Work item
Here are the records. Write out exactly the lines between the one holding "circle A2 centre" and the one holding "circle A8 centre", inclusive.

Saved data entries

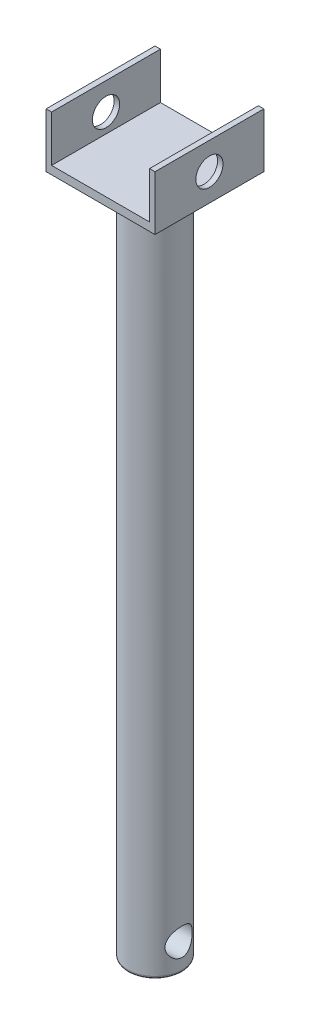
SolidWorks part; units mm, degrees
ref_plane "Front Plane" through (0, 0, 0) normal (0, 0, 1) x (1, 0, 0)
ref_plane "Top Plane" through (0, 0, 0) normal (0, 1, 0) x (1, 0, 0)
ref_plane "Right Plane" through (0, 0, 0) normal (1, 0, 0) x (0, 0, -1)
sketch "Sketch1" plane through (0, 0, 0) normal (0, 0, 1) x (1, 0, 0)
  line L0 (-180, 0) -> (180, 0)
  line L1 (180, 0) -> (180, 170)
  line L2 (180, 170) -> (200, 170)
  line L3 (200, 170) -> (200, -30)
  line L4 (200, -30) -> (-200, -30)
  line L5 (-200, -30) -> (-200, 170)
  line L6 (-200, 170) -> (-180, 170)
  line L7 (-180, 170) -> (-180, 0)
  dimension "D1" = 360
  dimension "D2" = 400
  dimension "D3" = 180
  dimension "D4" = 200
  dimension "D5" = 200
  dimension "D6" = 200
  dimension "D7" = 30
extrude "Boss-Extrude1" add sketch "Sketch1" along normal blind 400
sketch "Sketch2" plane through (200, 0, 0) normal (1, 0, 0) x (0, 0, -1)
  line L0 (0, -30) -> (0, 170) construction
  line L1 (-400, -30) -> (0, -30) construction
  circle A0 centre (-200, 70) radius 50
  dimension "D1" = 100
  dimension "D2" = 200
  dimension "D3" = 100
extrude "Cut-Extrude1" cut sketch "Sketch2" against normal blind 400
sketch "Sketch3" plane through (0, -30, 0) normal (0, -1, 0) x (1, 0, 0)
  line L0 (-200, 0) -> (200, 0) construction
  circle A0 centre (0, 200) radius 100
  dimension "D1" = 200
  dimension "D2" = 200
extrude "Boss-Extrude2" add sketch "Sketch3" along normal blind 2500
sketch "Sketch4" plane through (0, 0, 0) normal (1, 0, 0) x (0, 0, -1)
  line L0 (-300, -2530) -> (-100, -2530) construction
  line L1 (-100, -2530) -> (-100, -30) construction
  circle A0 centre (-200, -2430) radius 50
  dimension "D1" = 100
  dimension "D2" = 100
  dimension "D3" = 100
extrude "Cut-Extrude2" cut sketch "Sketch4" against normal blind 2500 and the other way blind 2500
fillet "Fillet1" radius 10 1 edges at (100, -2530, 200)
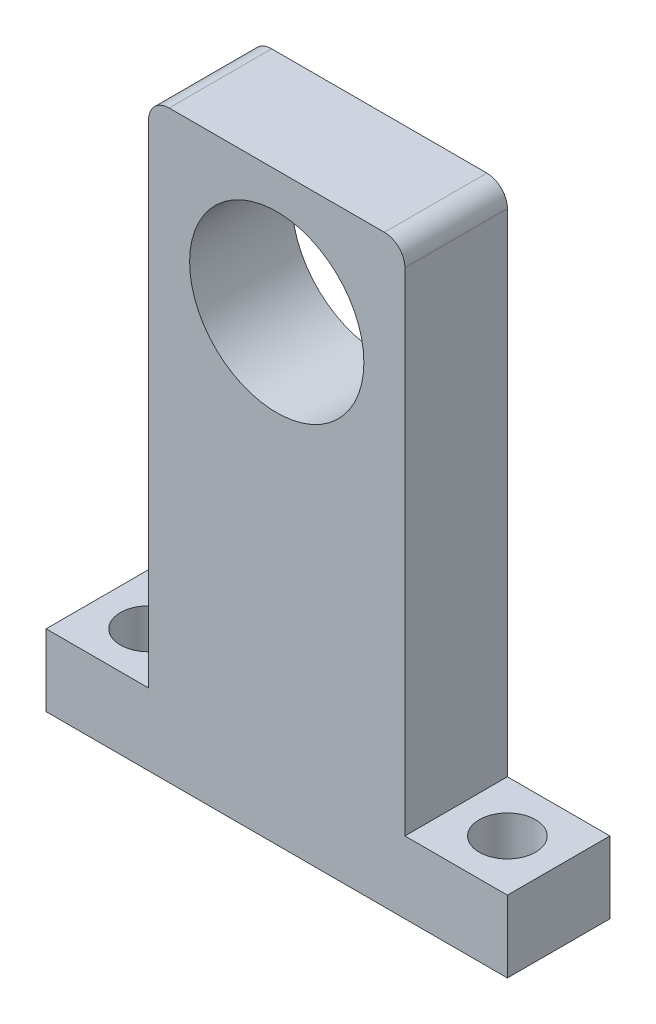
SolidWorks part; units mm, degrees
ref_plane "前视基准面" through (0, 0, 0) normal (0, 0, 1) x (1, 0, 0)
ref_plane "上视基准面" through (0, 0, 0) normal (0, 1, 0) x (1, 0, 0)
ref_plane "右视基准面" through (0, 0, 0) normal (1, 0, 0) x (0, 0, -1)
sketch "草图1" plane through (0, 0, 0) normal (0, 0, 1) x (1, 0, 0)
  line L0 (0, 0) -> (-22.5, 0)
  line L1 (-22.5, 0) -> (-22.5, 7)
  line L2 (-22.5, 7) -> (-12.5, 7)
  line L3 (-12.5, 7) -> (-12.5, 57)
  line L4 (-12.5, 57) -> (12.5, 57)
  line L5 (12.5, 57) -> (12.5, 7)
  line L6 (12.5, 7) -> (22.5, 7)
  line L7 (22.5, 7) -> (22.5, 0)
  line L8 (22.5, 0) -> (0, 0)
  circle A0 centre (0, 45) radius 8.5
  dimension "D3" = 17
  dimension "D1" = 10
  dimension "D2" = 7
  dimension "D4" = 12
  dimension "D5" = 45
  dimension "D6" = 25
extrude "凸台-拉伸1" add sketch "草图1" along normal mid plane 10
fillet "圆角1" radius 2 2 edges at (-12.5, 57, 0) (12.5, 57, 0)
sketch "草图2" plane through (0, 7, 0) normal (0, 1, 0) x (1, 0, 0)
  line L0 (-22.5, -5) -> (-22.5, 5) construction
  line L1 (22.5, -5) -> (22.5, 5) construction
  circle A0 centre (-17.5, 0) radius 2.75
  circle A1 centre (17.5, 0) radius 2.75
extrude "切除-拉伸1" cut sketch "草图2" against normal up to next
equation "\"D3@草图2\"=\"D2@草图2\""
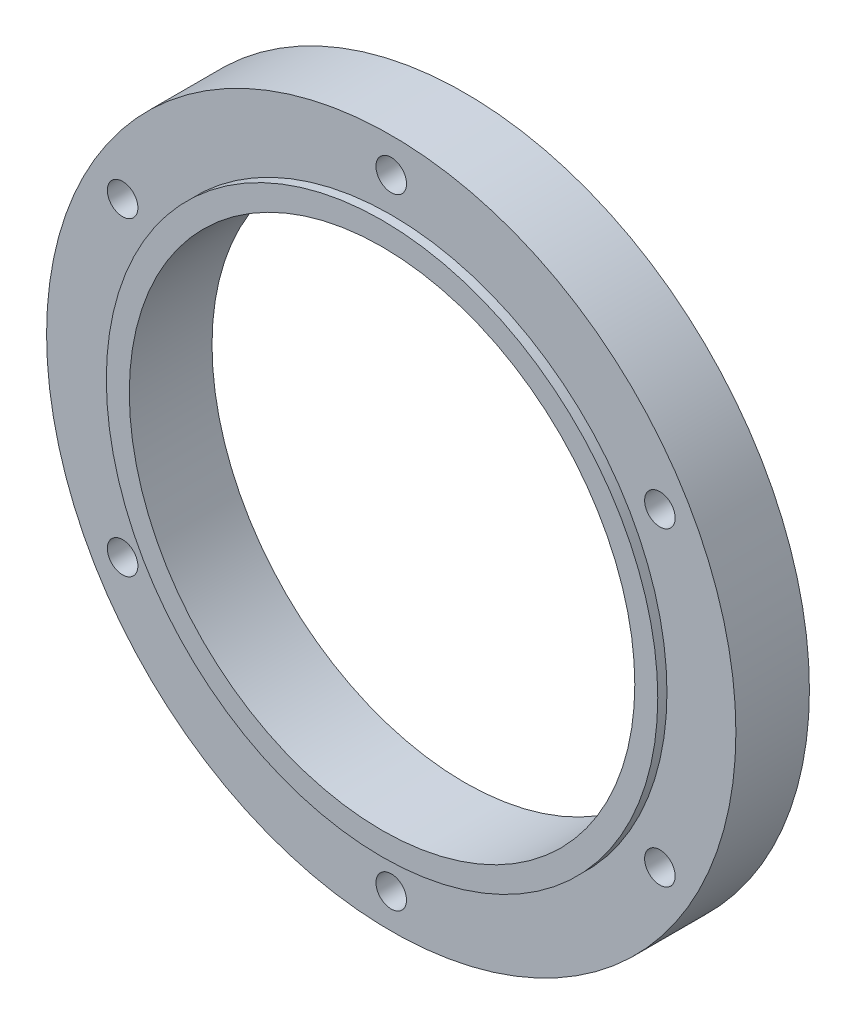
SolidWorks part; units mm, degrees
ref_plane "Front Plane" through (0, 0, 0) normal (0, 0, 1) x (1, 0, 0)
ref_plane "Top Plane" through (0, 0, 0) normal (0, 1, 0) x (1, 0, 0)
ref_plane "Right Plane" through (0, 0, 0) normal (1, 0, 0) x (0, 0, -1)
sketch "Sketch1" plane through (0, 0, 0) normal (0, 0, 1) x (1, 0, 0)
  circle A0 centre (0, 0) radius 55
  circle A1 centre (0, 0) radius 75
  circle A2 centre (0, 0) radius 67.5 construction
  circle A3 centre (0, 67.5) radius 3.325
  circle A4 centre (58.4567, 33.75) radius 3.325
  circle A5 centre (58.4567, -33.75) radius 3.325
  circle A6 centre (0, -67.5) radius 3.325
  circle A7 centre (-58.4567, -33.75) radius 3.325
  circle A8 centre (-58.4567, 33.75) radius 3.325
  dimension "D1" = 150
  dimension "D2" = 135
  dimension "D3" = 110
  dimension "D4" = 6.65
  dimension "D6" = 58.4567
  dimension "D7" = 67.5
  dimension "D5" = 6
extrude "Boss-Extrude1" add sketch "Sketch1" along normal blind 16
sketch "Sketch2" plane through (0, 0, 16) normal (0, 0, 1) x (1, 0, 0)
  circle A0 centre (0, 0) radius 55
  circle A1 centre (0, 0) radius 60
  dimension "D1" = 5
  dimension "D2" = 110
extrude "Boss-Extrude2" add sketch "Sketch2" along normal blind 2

Output for this exercise
  circle A2 centre (0, 0) radius 67.5 construction
  circle A3 centre (0, 67.5) radius 3.325
  circle A4 centre (58.4567, 33.75) radius 3.325
  circle A5 centre (58.4567, -33.75) radius 3.325
  circle A6 centre (0, -67.5) radius 3.325
  circle A7 centre (-58.4567, -33.75) radius 3.325
  circle A8 centre (-58.4567, 33.75) radius 3.325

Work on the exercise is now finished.